» **Directions**:
Pick every line out of the entries below that has the string "save", and copy it.

» **Records for this task**:
--

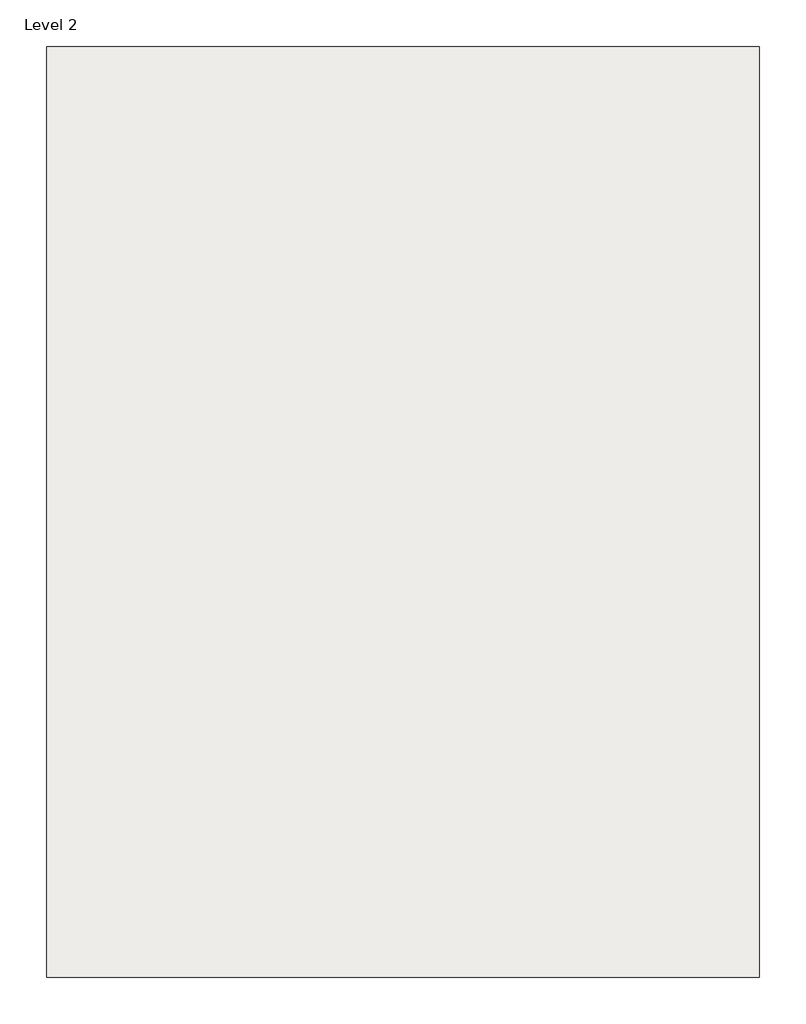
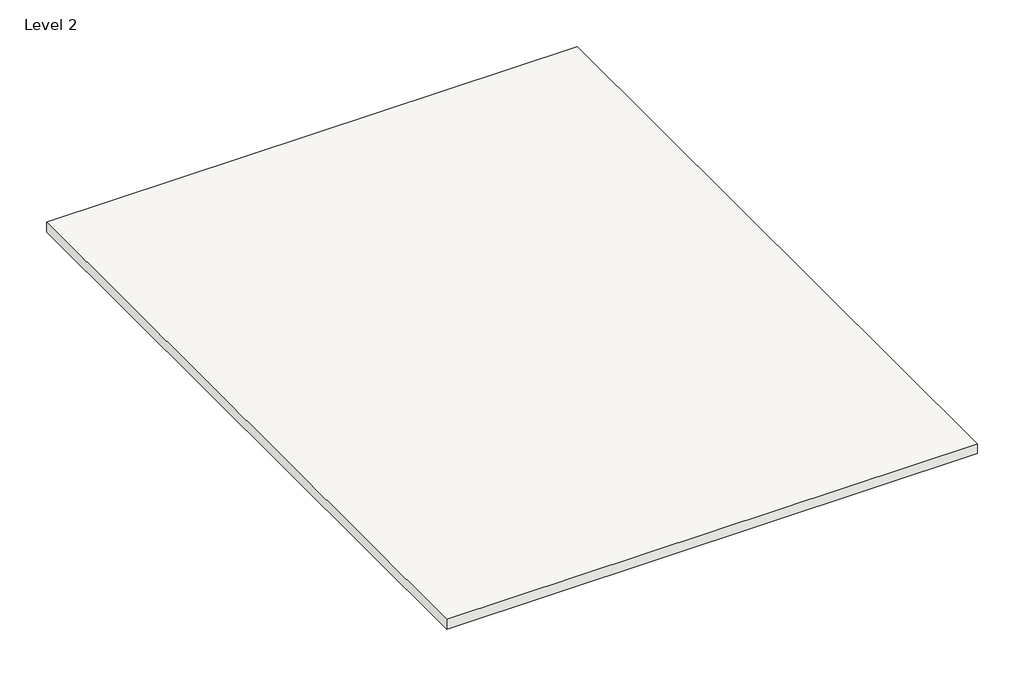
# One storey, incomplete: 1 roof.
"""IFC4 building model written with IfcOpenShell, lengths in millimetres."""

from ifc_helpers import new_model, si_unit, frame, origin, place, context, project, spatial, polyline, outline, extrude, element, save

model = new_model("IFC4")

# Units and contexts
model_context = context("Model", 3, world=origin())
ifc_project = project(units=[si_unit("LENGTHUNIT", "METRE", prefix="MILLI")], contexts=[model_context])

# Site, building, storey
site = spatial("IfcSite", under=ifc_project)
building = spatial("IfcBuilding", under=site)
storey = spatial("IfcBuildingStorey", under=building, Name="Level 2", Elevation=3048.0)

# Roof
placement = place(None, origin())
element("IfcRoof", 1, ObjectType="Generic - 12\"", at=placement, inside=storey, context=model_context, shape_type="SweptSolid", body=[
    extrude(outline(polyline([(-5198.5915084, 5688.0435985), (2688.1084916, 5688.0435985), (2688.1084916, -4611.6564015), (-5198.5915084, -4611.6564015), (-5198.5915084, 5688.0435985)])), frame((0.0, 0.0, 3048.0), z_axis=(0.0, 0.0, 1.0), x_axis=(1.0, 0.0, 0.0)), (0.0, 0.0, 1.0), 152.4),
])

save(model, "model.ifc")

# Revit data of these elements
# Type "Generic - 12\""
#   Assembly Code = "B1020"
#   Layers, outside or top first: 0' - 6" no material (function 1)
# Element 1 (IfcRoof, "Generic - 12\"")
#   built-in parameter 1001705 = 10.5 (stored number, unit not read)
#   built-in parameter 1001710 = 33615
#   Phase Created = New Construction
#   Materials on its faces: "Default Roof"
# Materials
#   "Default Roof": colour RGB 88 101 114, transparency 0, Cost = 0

--

» **The completed task**:
from ifc_helpers import new_model, si_unit, frame, origin, place, context, project, spatial, polyline, outline, extrude, element, save
save(model, "model.ifc")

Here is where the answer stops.